Activity
Report each line of the records where "units" occurs.
● ● ●
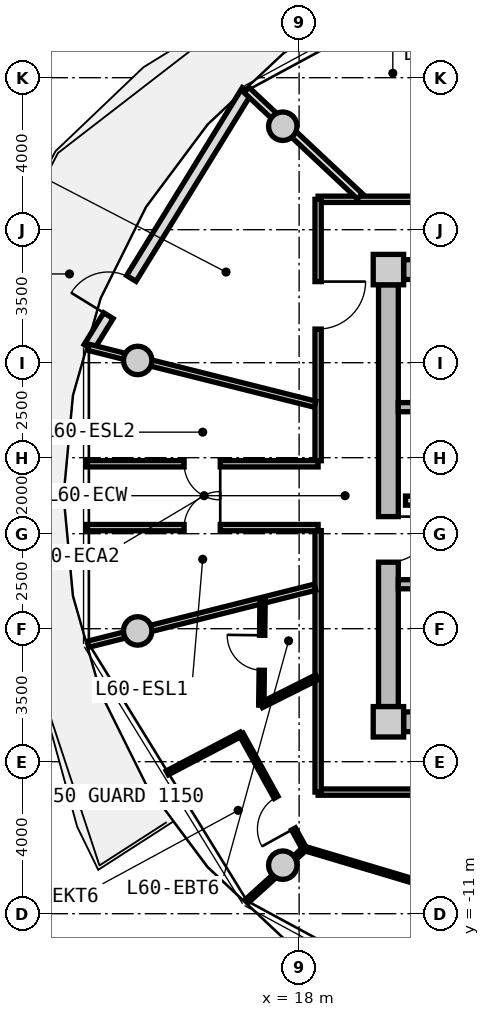
"""IFC4 building model, lengths in metres.
Left out: names, types, materials, properties, quantities, classifications, styles, units other than length and angle.
Written with IfcOpenShell. Run it as: python <this file> out.ifc"""

import sys

from ifc_helpers import new_model, si_unit, direction, frame, frame_2d, origin, origin_2d, place, context, subcontext, project, spatial, rectangle, circle, extrude, source, transform, mapped, element, fill, save


model = new_model("IFC4")
c1 = context("Model", 3, precision=1e-05, world=origin(), true_north=direction((0.0, 1.0)))
c2 = subcontext(c1, "Body", "Model", "MODEL_VIEW")
j1 = project(units=[si_unit("LENGTHUNIT", "METRE"), si_unit("PLANEANGLEUNIT", "RADIAN")], contexts=[c1])
p1 = place(None, origin())
s1 = spatial("IfcSite", under=j1, at=p1, CompositionType="ELEMENT")
p2 = place(p1, origin())
s2 = spatial("IfcBuilding", under=s1, at=p2, CompositionType="ELEMENT")
p3 = place(p2, frame((0.0, 0.0, 193.7)))
s3 = spatial("IfcBuildingStorey", under=s2, at=p3, CompositionType="ELEMENT", Elevation=193.7)
m1 = source(origin(), c2, "Body", "SweptSolid", [
    extrude(rectangle(XDim=0.8, YDim=0.8, at=origin_2d()), origin(), (0.0, 0.0, 1.0), 3.05),
])
for number, where, z_axis, x_axis in (
    (1, (20.35, -5.95, 0.0), (0.0, 0.0, 1.0), (1.0, 0.0, 0.0)),
    (2, (20.35, 5.95, 0.0), (0.0, 0.0, 1.0), (1.0, 0.0, 0.0)),
):
    element("IfcColumn", number, at=place(p3, frame(where, z_axis=z_axis, x_axis=x_axis)), inside=s3, PredefinedType="COLUMN", context=c2, shape_type="MappedRepresentation", body=[
        mapped(m1, transform((0.0, 0.0, 0.0), x_axis=(1.0, 0.0, 0.0), y_axis=(0.0, 1.0, 0.0), z_axis=(0.0, 0.0, 1.0), scale=1.0)),
    ])
m2 = source(origin(), c2, "Body", "SweptSolid", [
    extrude(rectangle(XDim=14.5, YDim=0.52, at=frame_2d((7.25, 0.0))), origin(), (0.0, 0.0, 1.0), 2.81),
])
for number, where, z_axis, x_axis in (
    (3, (20.75, 5.95, 0.0), (0.0, 0.0, 1.0), (1.0, 0.0, 0.0)),
    (4, (35.25, -5.95, 0.0), (0.0, 0.0, 1.0), (-1.0, 0.0, 0.0)),
):
    element("IfcWall", number, at=place(p3, frame(where, z_axis=z_axis, x_axis=x_axis)), inside=s3, PredefinedType="SHEAR", context=c2, shape_type="MappedRepresentation", body=[
        mapped(m2, transform((0.0, 0.0, 0.0), x_axis=(1.0, 0.0, 0.0), y_axis=(0.0, 1.0, 0.0), z_axis=(0.0, 0.0, 1.0), scale=1.0)),
    ])
m3 = source(origin(), c2, "Body", "SweptSolid", [
    extrude(rectangle(XDim=11.1, YDim=0.52, at=frame_2d((5.55, 0.0))), origin(), (0.0, 0.0, 1.0), 2.81),
])
p4 = place(p3, frame((20.35, -5.55, 0.0), z_axis=(0.0, 0.0, 1.0), x_axis=(0.0, 1.0, 0.0)))
e5 = element("IfcWall", 5, at=p4, inside=s3, PredefinedType="SHEAR", context=c2, shape_type="MappedRepresentation", body=[
    mapped(m3, transform((0.0, 0.0, 0.0), x_axis=(1.0, 0.0, 0.0), y_axis=(0.0, 1.0, 0.0), z_axis=(0.0, 0.0, 1.0), scale=1.0)),
])
p5 = place(p4, frame((3.8, 0.0, 0.0)))
e6 = element("IfcOpeningElement", 6, at=p5, cuts=e5, PredefinedType="OPENING", context=c2, shape_type="SweptSolid", body=[
    extrude(rectangle(XDim=1.2, YDim=2.15, at=frame_2d((0.6, 1.075))), frame((0.0, 0.27, 0.0), z_axis=(0.0, -1.0, 0.0), x_axis=(1.0, 0.0, 0.0)), (0.0, 0.0, 1.0), 0.54),
])
m4 = source(origin(), c2, "Body", "SweptSolid", [
    extrude(circle(Radius=0.375, at=origin_2d()), origin(), (0.0, 0.0, 1.0), 3.05),
])
for number, where, z_axis, x_axis in (
    (7, (17.57, 9.723, 0.0), (0.0, 0.0, 1.0), (1.0, 0.0, 0.0)),
    (8, (13.753, 3.559, 0.0), (0.0, 0.0, 1.0), (1.0, 0.0, 0.0)),
    (9, (13.753, -3.559, 0.0), (0.0, 0.0, 1.0), (1.0, 0.0, 0.0)),
    (10, (17.57, -9.723, 0.0), (0.0, 0.0, 1.0), (1.0, 0.0, 0.0)),
):
    element("IfcColumn", number, at=place(p3, frame(where, z_axis=z_axis, x_axis=x_axis)), inside=s3, PredefinedType="COLUMN", context=c2, shape_type="MappedRepresentation", body=[
        mapped(m4, transform((0.0, 0.0, 0.0), x_axis=(1.0, 0.0, 0.0), y_axis=(0.0, 1.0, 0.0), z_axis=(0.0, 0.0, 1.0), scale=1.0)),
    ])
m5 = source(origin(), c2, "Body", "SweptSolid", [
    extrude(rectangle(XDim=7.938, YDim=0.29, at=frame_2d((3.969, 0.0))), origin(), (0.0, 0.0, 1.0), 2.81),
])
p6 = place(p3, frame((12.468, 3.903, 0.0), z_axis=(0.0, 0.0, 1.0), x_axis=(0.524244987663, 0.851567491694, 0.0)))
e11 = element("IfcWall", 11, at=p6, inside=s3, PredefinedType="SOLIDWALL", context=c2, shape_type="MappedRepresentation", body=[
    mapped(m5, transform((0.0, 0.0, 0.0), x_axis=(1.0, 0.0, 0.0), y_axis=(0.0, 1.0, 0.0), z_axis=(0.0, 0.0, 1.0), scale=1.0)),
])
p7 = place(p6, frame((0.98, 0.0, 0.0)))
e12 = element("IfcOpeningElement", 12, at=p7, cuts=e11, PredefinedType="OPENING", context=c2, shape_type="SweptSolid", body=[
    extrude(rectangle(XDim=1.15, YDim=2.25, at=frame_2d((0.575, 1.125))), frame((0.0, 0.155, 0.0), z_axis=(0.0, -1.0, 0.0), x_axis=(1.0, 0.0, 0.0)), (0.0, 0.0, 1.0), 0.31),
])
m6 = source(origin(), c2, "Body", "SweptSolid", [
    extrude(rectangle(XDim=7.93, YDim=0.24, at=frame_2d((3.965, 0.0))), origin(), (0.0, 0.0, 1.0), 2.81),
])
p8 = place(p3, frame((20.61, 2.33, 0.0), z_axis=(0.0, 0.0, 1.0), x_axis=(1.0, 0.0, 0.0)))
e13 = element("IfcWall", 13, at=p8, inside=s3, PredefinedType="PARTITIONING", context=c2, shape_type="MappedRepresentation", body=[
    mapped(m6, transform((0.0, 0.0, 0.0), x_axis=(1.0, 0.0, 0.0), y_axis=(0.0, 1.0, 0.0), z_axis=(0.0, 0.0, 1.0), scale=1.0)),
])
p9 = place(p3, frame((20.61, -2.33, 0.0), z_axis=(0.0, 0.0, 1.0), x_axis=(1.0, 0.0, 0.0)))
e14 = element("IfcWall", 14, at=p9, inside=s3, PredefinedType="PARTITIONING", context=c2, shape_type="MappedRepresentation", body=[
    mapped(m6, transform((0.0, 0.0, 0.0), x_axis=(1.0, 0.0, 0.0), y_axis=(0.0, 1.0, 0.0), z_axis=(0.0, 0.0, 1.0), scale=1.0)),
])
p10 = place(p9, frame((1.05, 0.0, 0.0)))
e15 = element("IfcOpeningElement", 15, at=p10, cuts=e14, PredefinedType="OPENING", context=c2, shape_type="SweptSolid", body=[
    extrude(rectangle(XDim=1.1, YDim=2.15, at=frame_2d((0.55, 1.075))), frame((0.0, 0.13, 0.0), z_axis=(0.0, -1.0, 0.0), x_axis=(1.0, 0.0, 0.0)), (0.0, 0.0, 1.0), 0.26),
])
m7 = source(origin(), c2, "Body", "SweptSolid", [
    extrude(rectangle(XDim=7.62, YDim=0.24, at=frame_2d((3.81, 0.0))), origin(), (0.0, 0.0, 1.0), 2.795),
])
p11 = place(p3, frame((20.8, -0.13, 0.0), z_axis=(0.0, 0.0, 1.0), x_axis=(1.0, 0.0, 0.0)))
e16 = element("IfcWall", 16, at=p11, inside=s3, PredefinedType="PARTITIONING", context=c2, shape_type="MappedRepresentation", body=[
    mapped(m7, transform((0.0, 0.0, 0.0), x_axis=(1.0, 0.0, 0.0), y_axis=(0.0, 1.0, 0.0), z_axis=(0.0, 0.0, 1.0), scale=1.0)),
])
p12 = place(p11, frame((6.22, 0.0, 0.0)))
e17 = element("IfcOpeningElement", 17, at=p12, cuts=e16, PredefinedType="OPENING", context=c2, shape_type="SweptSolid", body=[
    extrude(rectangle(XDim=1.0, YDim=2.1, at=frame_2d((0.5, 1.05))), frame((0.0, 0.13, 0.0), z_axis=(0.0, -1.0, 0.0), x_axis=(1.0, 0.0, 0.0)), (0.0, 0.0, 1.0), 0.26),
])
p13 = place(p11, frame((2.4, 0.0, 0.0)))
e18 = element("IfcOpeningElement", 18, at=p13, cuts=e16, PredefinedType="OPENING", context=c2, shape_type="SweptSolid", body=[
    extrude(rectangle(XDim=1.0, YDim=2.1, at=frame_2d((0.5, 1.05))), frame((0.0, 0.13, 0.0), z_axis=(0.0, -1.0, 0.0), x_axis=(1.0, 0.0, 0.0)), (0.0, 0.0, 1.0), 0.26),
])
m8 = source(origin(), c2, "Body", "SweptSolid", [
    extrude(rectangle(XDim=8.58, YDim=0.165, at=frame_2d((4.29, 0.0))), origin(), (0.0, 0.0, 1.0), 2.795),
])
p14 = place(p3, frame((18.5, 7.8, 0.0), z_axis=(0.0, 0.0, 1.0), x_axis=(1.0, 0.0, 0.0)))
e19 = element("IfcWall", 19, at=p14, inside=s3, PredefinedType="PARTITIONING", context=c2, shape_type="MappedRepresentation", body=[
    mapped(m8, transform((0.0, 0.0, 0.0), x_axis=(1.0, 0.0, 0.0), y_axis=(0.0, 1.0, 0.0), z_axis=(0.0, 0.0, 1.0), scale=1.0)),
])
p15 = place(p14, frame((2.515, 0.0, 0.0)))
e20 = element("IfcOpeningElement", 20, at=p15, cuts=e19, PredefinedType="OPENING", context=c2, shape_type="SweptSolid", body=[
    extrude(rectangle(XDim=1.05, YDim=2.15, at=frame_2d((0.525, 1.075))), frame((0.0, 0.093, 0.0), z_axis=(0.0, -1.0, 0.0), x_axis=(1.0, 0.0, 0.0)), (0.0, 0.0, 1.0), 0.185),
])
m9 = source(origin(), c2, "Body", "SweptSolid", [
    extrude(rectangle(XDim=19.0, YDim=0.165, at=frame_2d((9.5, 0.0))), origin(), (0.0, 0.0, 1.0), 2.795),
])
p16 = place(p3, frame((37.5, -7.8, 0.0), z_axis=(0.0, 0.0, 1.0), x_axis=(-1.0, 0.0, 0.0)))
e21 = element("IfcWall", 21, at=p16, inside=s3, PredefinedType="PARTITIONING", context=c2, shape_type="MappedRepresentation", body=[
    mapped(m9, transform((0.0, 0.0, 0.0), x_axis=(1.0, 0.0, 0.0), y_axis=(0.0, 1.0, 0.0), z_axis=(0.0, 0.0, 1.0), scale=1.0)),
])
p17 = place(p16, frame((9.392, 0.0, 0.0)))
e22 = element("IfcOpeningElement", 22, at=p17, cuts=e21, PredefinedType="OPENING", context=c2, shape_type="SweptSolid", body=[
    extrude(rectangle(XDim=1.05, YDim=2.15, at=frame_2d((0.525, 1.075))), frame((0.0, 0.093, 0.0), z_axis=(0.0, -1.0, 0.0), x_axis=(1.0, 0.0, 0.0)), (0.0, 0.0, 1.0), 0.185),
])
m10 = source(origin(), c2, "Body", "SweptSolid", [
    extrude(rectangle(XDim=6.88, YDim=0.165, at=frame_2d((3.44, 0.0))), origin(), (0.0, 0.0, 1.0), 2.795),
])
p18 = place(p3, frame((18.5, -7.8, 0.0), z_axis=(0.0, 0.0, 1.0), x_axis=(0.0, 1.0, 0.0)))
e23 = element("IfcWall", 23, at=p18, inside=s3, PredefinedType="PARTITIONING", context=c2, shape_type="MappedRepresentation", body=[
    mapped(m10, transform((0.0, 0.0, 0.0), x_axis=(1.0, 0.0, 0.0), y_axis=(0.0, 1.0, 0.0), z_axis=(0.0, 0.0, 1.0), scale=1.0)),
])
p19 = place(p3, frame((18.5, 0.92, 0.0), z_axis=(0.0, 0.0, 1.0), x_axis=(0.0, 1.0, 0.0)))
e24 = element("IfcWall", 24, at=p19, inside=s3, PredefinedType="PARTITIONING", context=c2, shape_type="MappedRepresentation", body=[
    mapped(m10, transform((0.0, 0.0, 0.0), x_axis=(1.0, 0.0, 0.0), y_axis=(0.0, 1.0, 0.0), z_axis=(0.0, 0.0, 1.0), scale=1.0)),
])
p20 = place(p19, frame((3.464, 0.0, 0.0)))
e25 = element("IfcOpeningElement", 25, at=p20, cuts=e24, PredefinedType="OPENING", context=c2, shape_type="SweptSolid", body=[
    extrude(rectangle(XDim=1.25, YDim=2.2, at=frame_2d((0.625, 1.1))), frame((0.0, 0.093, 0.0), z_axis=(0.0, -1.0, 0.0), x_axis=(1.0, 0.0, 0.0)), (0.0, 0.0, 1.0), 0.185),
])
m11 = source(origin(), c2, "Body", "SweptSolid", [
    extrude(rectangle(XDim=6.157, YDim=0.165, at=frame_2d((3.079, 0.0))), origin(), (0.0, 0.0, 1.0), 2.395),
])
for number, where, z_axis, x_axis in (
    (26, (18.42, 2.407, 0.0), (0.0, 0.0, 1.0), (-0.97, 0.244, 0.0)),
    (27, (18.42, -2.407, 0.0), (0.0, 0.0, 1.0), (-0.97, -0.244, 0.0)),
):
    element("IfcWall", number, at=place(p3, frame(where, z_axis=z_axis, x_axis=x_axis)), inside=s3, PredefinedType="PARTITIONING", context=c2, shape_type="MappedRepresentation", body=[
        mapped(m11, transform((0.0, 0.0, 0.0), x_axis=(1.0, 0.0, 0.0), y_axis=(0.0, 1.0, 0.0), z_axis=(0.0, 0.0, 1.0), scale=1.0)),
    ])
m12 = source(origin(), c2, "Body", "SweptSolid", [
    extrude(rectangle(XDim=6.101, YDim=0.165, at=frame_2d((3.051, 0.0))), origin(), (0.0, 0.0, 1.0), 2.795),
])
p21 = place(p3, frame((12.399, 0.84, 0.0), z_axis=(0.0, 0.0, 1.0), x_axis=(1.0, 0.0, 0.0)))
e28 = element("IfcWall", 28, at=p21, inside=s3, PredefinedType="PARTITIONING", context=c2, shape_type="MappedRepresentation", body=[
    mapped(m12, transform((0.0, 0.0, 0.0), x_axis=(1.0, 0.0, 0.0), y_axis=(0.0, 1.0, 0.0), z_axis=(0.0, 0.0, 1.0), scale=1.0)),
])
p22 = place(p21, frame((2.576, 0.0, 0.0)))
e29 = element("IfcOpeningElement", 29, at=p22, cuts=e28, PredefinedType="OPENING", context=c2, shape_type="SweptSolid", body=[
    extrude(rectangle(XDim=0.95, YDim=2.1, at=frame_2d((0.475, 1.05))), frame((0.0, 0.093, 0.0), z_axis=(0.0, -1.0, 0.0), x_axis=(1.0, 0.0, 0.0)), (0.0, 0.0, 1.0), 0.185),
])
p23 = place(p3, frame((18.5, -0.84, 0.0), z_axis=(0.0, 0.0, 1.0), x_axis=(-1.0, 0.0, 0.0)))
e30 = element("IfcWall", 30, at=p23, inside=s3, PredefinedType="PARTITIONING", context=c2, shape_type="MappedRepresentation", body=[
    mapped(m12, transform((0.0, 0.0, 0.0), x_axis=(1.0, 0.0, 0.0), y_axis=(0.0, 1.0, 0.0), z_axis=(0.0, 0.0, 1.0), scale=1.0)),
])
p24 = place(p23, frame((2.576, 0.0, 0.0)))
e31 = element("IfcOpeningElement", 31, at=p24, cuts=e30, PredefinedType="OPENING", context=c2, shape_type="SweptSolid", body=[
    extrude(rectangle(XDim=0.95, YDim=2.1, at=frame_2d((0.475, 1.05))), frame((0.0, 0.093, 0.0), z_axis=(0.0, -1.0, 0.0), x_axis=(1.0, 0.0, 0.0)), (0.0, 0.0, 1.0), 0.185),
])
m13 = source(origin(), c2, "Body", "SweptSolid", [
    extrude(rectangle(XDim=4.089, YDim=0.19, at=frame_2d((2.044, 0.0))), origin(), (0.0, 0.0, 1.0), 2.435),
])
p25 = place(p3, frame((19.598, 7.88, 0.0), z_axis=(0.0, 0.0, 1.0), x_axis=(-0.729401273609, 0.684086092577, 0.0)))
e32 = element("IfcWall", 32, at=p25, inside=s3, PredefinedType="PARTITIONING", context=c2, shape_type="MappedRepresentation", body=[
    mapped(m13, transform((0.0, 0.0, 0.0), x_axis=(1.0, 0.0, 0.0), y_axis=(0.0, 1.0, 0.0), z_axis=(0.0, 0.0, 1.0), scale=1.0)),
])
m14 = source(origin(), c2, "Body", "SweptSolid", [
    extrude(rectangle(XDim=6.936, YDim=0.115, at=frame_2d((3.468, 0.0))), origin(), (0.0, 0.0, 1.0), 2.795),
])
p26 = place(p3, frame((18.151, -9.287, 0.0), z_axis=(0.0, 0.0, 1.0), x_axis=(0.958186895835, -0.286143098205, 0.0)))
e33 = element("IfcWall", 33, at=p26, inside=s3, PredefinedType="PARTITIONING", context=c2, shape_type="MappedRepresentation", body=[
    mapped(m14, transform((0.0, 0.0, 0.0), x_axis=(1.0, 0.0, 0.0), y_axis=(0.0, 1.0, 0.0), z_axis=(0.0, 0.0, 1.0), scale=1.0)),
])
p27 = place(p26, frame((2.993, 0.0, 0.0)))
e34 = element("IfcOpeningElement", 34, at=p27, cuts=e33, PredefinedType="OPENING", context=c2, shape_type="SweptSolid", body=[
    extrude(rectangle(XDim=0.95, YDim=2.1, at=frame_2d((0.475, 1.05))), frame((0.0, 0.067, 0.0), z_axis=(0.0, -1.0, 0.0), x_axis=(1.0, 0.0, 0.0)), (0.0, 0.0, 1.0), 0.135),
])
m15 = source(origin(), c2, "Body", "SweptSolid", [
    extrude(rectangle(XDim=2.072, YDim=0.115, at=frame_2d((1.036, 0.0))), origin(), (0.0, 0.0, 1.0), 2.395),
])
p28 = place(p3, frame((18.151, -9.287, 0.0), z_axis=(0.0, 0.0, 1.0), x_axis=(-0.741410125356, -0.671052178314, 0.0)))
e35 = element("IfcWall", 35, at=p28, inside=s3, PredefinedType="PARTITIONING", context=c2, shape_type="MappedRepresentation", body=[
    mapped(m15, transform((0.0, 0.0, 0.0), x_axis=(1.0, 0.0, 0.0), y_axis=(0.0, 1.0, 0.0), z_axis=(0.0, 0.0, 1.0), scale=1.0)),
])
m16 = source(origin(), c2, "Body", "SweptSolid", [
    extrude(rectangle(XDim=1.638, YDim=0.14, at=frame_2d((0.819, 0.0))), origin(), (0.0, 0.0, 1.0), 2.795),
])
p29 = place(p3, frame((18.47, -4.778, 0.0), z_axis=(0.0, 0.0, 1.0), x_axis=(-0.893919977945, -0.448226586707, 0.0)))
● ● ●
Exercise answer
Left out: names, types, materials, properties, quantities, classifications, styles, units other than length and angle.
j1 = project(units=[si_unit("LENGTHUNIT", "METRE"), si_unit("PLANEANGLEUNIT", "RADIAN")], contexts=[c1])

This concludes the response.